§ **TASK DATA**

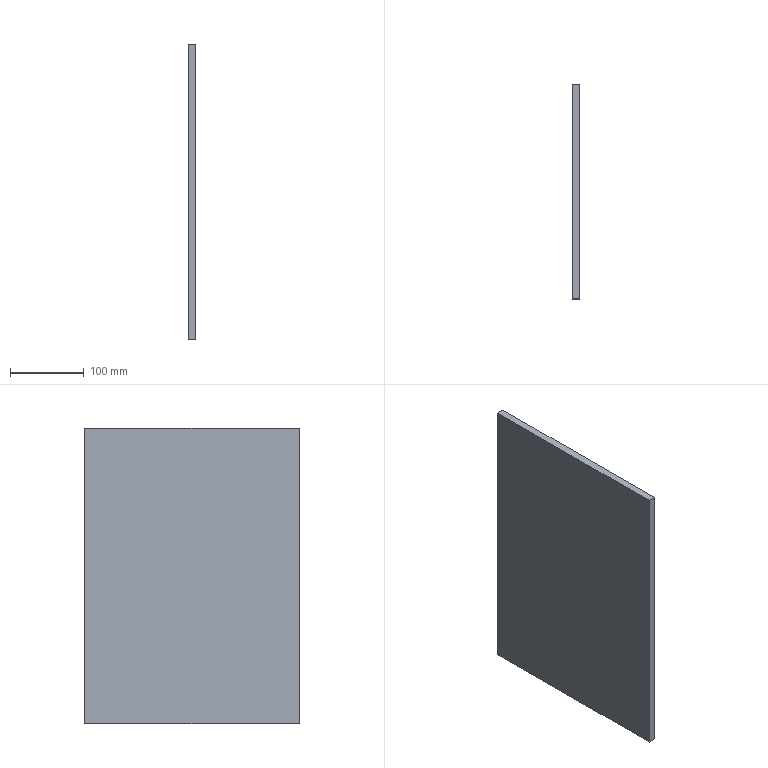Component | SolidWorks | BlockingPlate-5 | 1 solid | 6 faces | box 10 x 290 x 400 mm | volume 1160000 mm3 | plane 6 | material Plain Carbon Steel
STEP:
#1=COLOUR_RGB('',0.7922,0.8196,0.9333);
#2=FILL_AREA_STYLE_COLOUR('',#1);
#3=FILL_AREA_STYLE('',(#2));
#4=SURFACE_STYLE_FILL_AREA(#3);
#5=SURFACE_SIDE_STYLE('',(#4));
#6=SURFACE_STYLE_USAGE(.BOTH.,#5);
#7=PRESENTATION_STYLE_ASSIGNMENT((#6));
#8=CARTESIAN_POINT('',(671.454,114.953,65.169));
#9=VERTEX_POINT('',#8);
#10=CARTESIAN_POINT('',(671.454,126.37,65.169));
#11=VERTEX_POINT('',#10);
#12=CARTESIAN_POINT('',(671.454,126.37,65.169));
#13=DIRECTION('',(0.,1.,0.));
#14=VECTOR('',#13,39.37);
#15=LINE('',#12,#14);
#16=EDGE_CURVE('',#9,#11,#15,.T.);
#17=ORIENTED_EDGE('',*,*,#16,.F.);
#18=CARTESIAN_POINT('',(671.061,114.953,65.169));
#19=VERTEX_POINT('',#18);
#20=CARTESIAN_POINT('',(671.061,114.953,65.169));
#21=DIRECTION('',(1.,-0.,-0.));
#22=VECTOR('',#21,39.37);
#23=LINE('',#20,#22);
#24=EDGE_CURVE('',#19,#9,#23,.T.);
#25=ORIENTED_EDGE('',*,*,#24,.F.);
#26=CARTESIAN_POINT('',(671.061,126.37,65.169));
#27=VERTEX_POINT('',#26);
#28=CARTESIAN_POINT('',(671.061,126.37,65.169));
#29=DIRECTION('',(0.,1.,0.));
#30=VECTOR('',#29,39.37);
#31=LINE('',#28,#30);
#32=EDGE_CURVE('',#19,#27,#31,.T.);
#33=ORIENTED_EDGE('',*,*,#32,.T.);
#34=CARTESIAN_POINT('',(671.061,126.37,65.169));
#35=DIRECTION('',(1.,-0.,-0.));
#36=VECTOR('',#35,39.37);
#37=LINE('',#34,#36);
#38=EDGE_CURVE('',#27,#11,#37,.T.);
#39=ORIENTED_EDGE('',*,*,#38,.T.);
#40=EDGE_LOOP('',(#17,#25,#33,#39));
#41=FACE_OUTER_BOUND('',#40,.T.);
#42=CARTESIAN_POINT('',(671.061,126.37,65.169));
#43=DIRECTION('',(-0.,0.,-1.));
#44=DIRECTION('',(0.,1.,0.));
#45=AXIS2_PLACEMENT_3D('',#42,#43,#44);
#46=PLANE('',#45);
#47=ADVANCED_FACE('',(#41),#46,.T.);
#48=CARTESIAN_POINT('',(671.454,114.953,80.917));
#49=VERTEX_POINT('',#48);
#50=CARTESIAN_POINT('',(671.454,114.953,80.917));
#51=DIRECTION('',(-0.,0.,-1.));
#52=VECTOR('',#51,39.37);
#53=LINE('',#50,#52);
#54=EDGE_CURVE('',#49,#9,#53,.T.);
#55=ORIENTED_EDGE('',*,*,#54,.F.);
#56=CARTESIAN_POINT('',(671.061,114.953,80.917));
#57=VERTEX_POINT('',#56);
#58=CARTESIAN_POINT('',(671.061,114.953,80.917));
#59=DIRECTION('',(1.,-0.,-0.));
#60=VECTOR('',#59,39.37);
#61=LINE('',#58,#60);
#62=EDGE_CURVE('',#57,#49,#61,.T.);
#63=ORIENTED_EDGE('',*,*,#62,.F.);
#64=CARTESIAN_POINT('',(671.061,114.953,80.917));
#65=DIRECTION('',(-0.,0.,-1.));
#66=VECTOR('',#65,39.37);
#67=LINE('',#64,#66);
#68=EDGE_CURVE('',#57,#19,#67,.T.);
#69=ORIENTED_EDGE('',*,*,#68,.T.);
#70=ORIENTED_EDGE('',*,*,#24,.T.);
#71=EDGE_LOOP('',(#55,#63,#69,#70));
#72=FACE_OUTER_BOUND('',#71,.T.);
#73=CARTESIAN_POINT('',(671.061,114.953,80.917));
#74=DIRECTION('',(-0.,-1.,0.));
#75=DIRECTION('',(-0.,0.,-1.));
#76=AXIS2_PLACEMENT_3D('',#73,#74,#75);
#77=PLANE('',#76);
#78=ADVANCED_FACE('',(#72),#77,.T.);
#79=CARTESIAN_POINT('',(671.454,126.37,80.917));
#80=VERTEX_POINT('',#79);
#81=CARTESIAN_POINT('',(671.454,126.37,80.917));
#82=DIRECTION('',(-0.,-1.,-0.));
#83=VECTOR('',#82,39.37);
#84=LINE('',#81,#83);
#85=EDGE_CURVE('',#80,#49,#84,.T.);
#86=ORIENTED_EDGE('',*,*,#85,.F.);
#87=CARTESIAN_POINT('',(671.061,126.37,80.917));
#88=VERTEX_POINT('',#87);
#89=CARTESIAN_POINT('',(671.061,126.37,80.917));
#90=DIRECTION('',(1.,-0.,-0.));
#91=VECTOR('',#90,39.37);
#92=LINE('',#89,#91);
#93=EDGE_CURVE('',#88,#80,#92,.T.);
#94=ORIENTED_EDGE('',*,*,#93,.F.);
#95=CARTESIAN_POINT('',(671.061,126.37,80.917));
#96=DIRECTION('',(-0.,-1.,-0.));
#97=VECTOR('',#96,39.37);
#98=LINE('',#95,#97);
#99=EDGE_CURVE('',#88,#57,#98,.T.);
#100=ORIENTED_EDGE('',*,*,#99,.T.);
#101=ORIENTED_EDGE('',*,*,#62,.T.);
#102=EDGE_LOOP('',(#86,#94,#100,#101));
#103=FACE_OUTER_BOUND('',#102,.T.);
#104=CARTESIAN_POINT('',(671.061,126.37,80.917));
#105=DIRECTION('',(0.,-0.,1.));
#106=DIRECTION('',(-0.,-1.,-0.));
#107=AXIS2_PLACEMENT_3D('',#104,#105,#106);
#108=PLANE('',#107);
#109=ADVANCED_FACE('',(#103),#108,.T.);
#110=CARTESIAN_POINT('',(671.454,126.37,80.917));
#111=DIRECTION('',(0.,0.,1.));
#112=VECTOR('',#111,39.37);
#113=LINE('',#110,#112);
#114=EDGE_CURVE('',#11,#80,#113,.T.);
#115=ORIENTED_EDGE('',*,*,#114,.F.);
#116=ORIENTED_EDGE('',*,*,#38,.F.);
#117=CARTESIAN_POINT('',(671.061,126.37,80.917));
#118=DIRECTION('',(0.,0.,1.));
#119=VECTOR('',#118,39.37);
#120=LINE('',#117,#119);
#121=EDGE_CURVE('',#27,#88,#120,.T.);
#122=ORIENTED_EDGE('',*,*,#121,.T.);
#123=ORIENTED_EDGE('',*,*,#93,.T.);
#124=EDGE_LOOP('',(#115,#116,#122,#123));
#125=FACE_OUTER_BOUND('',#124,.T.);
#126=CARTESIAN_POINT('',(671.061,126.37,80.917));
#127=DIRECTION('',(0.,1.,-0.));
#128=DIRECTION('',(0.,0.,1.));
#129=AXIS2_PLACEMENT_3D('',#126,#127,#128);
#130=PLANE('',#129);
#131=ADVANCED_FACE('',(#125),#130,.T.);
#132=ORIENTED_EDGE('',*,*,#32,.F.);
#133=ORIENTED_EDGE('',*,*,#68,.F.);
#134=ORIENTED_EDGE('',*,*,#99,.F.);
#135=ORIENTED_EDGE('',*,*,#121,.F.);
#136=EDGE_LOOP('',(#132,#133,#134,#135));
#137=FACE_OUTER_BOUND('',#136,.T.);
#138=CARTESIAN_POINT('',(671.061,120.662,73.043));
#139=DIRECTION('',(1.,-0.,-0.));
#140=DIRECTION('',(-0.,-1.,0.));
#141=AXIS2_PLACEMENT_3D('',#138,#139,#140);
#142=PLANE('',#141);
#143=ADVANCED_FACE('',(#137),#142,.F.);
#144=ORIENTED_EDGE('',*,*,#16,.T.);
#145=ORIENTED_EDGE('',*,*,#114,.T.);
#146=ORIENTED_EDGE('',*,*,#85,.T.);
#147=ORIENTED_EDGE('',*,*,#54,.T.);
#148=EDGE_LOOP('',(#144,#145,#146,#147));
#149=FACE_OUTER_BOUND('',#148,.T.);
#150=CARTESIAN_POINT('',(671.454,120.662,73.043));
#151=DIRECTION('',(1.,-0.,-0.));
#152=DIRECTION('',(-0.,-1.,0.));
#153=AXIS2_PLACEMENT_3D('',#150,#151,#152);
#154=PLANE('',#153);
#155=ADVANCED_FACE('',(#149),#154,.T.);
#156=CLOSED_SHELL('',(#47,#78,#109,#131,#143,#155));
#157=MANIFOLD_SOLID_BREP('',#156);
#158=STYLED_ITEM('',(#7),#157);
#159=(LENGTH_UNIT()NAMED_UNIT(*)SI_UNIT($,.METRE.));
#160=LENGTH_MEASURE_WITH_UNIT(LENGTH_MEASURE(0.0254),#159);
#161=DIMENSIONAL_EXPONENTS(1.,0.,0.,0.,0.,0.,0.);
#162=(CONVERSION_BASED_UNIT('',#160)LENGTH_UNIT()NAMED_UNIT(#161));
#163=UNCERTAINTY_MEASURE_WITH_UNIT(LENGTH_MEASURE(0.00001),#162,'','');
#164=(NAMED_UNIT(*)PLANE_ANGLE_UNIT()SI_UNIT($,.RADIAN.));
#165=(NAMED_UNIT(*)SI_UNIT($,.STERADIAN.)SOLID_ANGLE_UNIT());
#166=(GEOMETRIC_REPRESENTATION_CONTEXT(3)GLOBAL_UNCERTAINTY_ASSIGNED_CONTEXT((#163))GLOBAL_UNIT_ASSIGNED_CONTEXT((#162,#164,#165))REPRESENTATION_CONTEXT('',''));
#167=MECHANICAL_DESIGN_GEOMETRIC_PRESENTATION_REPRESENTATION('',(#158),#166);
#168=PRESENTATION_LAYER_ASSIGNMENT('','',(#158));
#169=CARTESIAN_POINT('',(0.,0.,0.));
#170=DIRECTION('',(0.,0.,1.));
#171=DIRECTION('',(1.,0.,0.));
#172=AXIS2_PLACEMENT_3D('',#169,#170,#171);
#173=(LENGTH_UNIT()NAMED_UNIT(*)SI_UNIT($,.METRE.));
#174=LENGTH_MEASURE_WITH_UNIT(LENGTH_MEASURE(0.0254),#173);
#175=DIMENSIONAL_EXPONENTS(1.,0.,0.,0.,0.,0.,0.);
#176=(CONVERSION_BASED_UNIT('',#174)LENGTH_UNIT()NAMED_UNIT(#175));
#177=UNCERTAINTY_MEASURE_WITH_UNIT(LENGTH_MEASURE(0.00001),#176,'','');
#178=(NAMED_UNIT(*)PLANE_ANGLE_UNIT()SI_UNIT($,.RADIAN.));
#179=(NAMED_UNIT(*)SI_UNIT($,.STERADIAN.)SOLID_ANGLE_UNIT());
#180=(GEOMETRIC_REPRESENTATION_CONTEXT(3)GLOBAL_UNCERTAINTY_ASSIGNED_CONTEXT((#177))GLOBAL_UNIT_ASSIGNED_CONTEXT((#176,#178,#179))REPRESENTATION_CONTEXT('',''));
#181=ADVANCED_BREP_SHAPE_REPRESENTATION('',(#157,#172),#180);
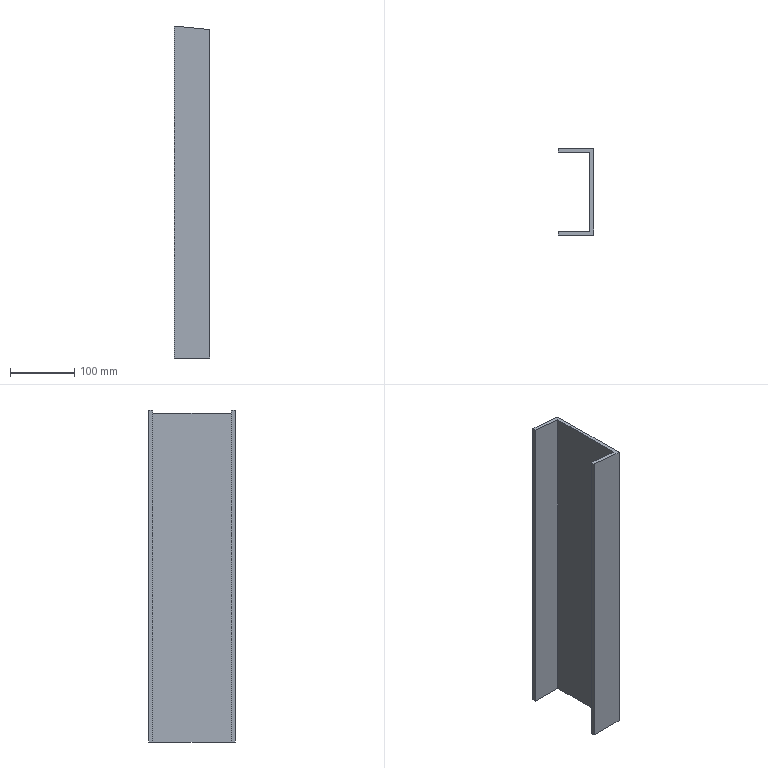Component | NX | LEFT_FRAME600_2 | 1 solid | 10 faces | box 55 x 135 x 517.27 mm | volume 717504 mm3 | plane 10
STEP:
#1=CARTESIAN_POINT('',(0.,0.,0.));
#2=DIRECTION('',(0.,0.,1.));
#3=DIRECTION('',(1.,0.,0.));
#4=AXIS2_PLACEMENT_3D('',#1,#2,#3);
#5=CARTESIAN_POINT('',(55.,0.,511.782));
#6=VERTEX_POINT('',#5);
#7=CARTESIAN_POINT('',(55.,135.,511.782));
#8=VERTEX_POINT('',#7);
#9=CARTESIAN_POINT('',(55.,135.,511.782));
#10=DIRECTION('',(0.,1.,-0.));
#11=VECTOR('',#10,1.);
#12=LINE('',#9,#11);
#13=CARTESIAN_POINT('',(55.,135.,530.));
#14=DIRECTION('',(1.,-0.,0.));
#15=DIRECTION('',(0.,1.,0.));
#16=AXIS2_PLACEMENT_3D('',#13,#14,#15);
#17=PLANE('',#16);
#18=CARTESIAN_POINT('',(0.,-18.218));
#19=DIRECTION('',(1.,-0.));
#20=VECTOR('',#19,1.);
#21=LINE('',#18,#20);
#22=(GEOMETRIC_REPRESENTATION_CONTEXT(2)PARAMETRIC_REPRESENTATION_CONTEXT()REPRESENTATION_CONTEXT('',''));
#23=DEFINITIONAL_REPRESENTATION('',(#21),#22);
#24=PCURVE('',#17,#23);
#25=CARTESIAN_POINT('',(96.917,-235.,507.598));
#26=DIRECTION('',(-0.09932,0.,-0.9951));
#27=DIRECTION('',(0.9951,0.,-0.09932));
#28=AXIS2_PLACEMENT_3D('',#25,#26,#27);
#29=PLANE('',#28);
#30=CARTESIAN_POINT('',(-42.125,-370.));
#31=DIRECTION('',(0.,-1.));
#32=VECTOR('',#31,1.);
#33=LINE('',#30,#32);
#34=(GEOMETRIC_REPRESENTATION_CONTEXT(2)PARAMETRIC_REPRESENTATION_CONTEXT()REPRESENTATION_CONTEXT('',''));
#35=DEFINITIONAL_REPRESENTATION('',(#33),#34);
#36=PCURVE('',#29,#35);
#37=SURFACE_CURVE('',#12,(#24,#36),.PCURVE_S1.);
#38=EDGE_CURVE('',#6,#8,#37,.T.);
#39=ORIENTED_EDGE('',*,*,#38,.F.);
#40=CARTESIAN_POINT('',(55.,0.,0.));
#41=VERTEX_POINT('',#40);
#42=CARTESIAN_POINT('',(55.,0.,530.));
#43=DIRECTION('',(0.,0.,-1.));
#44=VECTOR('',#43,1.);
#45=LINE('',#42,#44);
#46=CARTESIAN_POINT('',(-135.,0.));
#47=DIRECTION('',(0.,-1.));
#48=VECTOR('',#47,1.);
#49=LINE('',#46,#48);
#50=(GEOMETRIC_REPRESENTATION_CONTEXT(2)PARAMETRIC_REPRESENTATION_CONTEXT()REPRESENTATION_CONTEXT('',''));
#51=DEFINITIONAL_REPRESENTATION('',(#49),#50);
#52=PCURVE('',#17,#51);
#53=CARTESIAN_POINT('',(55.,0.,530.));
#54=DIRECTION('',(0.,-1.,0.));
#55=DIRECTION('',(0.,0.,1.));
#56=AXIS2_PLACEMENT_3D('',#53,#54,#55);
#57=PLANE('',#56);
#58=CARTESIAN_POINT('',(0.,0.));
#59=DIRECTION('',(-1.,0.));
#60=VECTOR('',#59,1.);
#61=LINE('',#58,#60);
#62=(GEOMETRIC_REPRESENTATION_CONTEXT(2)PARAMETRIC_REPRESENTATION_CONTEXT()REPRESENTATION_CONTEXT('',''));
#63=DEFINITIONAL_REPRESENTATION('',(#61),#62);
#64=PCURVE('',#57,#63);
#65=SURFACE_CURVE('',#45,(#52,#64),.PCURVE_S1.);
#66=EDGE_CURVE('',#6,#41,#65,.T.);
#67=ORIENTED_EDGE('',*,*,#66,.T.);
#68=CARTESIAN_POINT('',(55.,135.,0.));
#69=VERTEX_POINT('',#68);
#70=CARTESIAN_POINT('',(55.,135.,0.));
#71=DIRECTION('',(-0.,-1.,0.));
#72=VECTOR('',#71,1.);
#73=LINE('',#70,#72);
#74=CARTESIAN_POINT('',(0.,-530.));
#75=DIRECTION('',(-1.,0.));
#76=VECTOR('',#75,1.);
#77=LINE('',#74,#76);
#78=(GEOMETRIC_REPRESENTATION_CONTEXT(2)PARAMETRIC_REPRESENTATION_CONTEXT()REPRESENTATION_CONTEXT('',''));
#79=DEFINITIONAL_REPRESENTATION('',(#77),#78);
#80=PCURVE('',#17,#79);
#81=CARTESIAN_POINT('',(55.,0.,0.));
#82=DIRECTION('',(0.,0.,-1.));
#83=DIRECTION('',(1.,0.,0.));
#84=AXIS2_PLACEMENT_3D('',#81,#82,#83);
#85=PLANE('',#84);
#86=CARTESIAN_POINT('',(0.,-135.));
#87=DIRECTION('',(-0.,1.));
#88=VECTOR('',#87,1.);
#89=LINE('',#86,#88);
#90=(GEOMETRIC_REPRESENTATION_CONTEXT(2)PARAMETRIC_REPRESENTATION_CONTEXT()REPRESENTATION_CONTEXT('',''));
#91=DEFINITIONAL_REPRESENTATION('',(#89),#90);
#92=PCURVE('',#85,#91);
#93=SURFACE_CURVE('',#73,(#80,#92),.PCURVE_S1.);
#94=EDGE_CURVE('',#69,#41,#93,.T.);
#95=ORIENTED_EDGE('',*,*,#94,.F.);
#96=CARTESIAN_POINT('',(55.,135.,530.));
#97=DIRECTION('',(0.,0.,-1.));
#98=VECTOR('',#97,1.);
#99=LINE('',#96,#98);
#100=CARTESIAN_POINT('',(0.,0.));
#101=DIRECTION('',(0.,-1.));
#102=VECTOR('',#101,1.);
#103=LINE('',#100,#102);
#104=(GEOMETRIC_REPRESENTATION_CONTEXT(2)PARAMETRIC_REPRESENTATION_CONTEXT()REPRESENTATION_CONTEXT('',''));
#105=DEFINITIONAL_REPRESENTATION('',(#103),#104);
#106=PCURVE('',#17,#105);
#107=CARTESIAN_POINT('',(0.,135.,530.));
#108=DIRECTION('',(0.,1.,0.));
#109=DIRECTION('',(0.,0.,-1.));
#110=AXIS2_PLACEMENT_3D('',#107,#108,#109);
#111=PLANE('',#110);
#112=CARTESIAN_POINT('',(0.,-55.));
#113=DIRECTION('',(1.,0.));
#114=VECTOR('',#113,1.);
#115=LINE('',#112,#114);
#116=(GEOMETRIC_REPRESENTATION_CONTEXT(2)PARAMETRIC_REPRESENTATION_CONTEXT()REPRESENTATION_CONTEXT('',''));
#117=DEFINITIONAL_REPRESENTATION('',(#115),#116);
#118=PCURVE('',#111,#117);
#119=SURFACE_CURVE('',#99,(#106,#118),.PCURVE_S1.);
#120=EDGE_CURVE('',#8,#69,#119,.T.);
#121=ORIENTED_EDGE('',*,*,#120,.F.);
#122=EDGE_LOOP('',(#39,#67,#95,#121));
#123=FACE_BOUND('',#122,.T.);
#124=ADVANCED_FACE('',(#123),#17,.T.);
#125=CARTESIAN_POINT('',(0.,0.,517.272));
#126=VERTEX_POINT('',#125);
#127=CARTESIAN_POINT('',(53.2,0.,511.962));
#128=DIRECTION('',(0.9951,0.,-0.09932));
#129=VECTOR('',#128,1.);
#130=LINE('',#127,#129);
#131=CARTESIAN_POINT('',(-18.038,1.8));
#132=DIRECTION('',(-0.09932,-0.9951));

§ **ACTION ITEM**
Would you print exactly, and only, the lines of the data above from the line with "#36=PCURVE('',#29,#35);" through the line with "#45=LINE('',#42,#44);", inclusive?

§ **ANSWER SPACE**
#36=PCURVE('',#29,#35);
#37=SURFACE_CURVE('',#12,(#24,#36),.PCURVE_S1.);
#38=EDGE_CURVE('',#6,#8,#37,.T.);
#39=ORIENTED_EDGE('',*,*,#38,.F.);
#40=CARTESIAN_POINT('',(55.,0.,0.));
#41=VERTEX_POINT('',#40);
#42=CARTESIAN_POINT('',(55.,0.,530.));
#43=DIRECTION('',(0.,0.,-1.));
#44=VECTOR('',#43,1.);
#45=LINE('',#42,#44);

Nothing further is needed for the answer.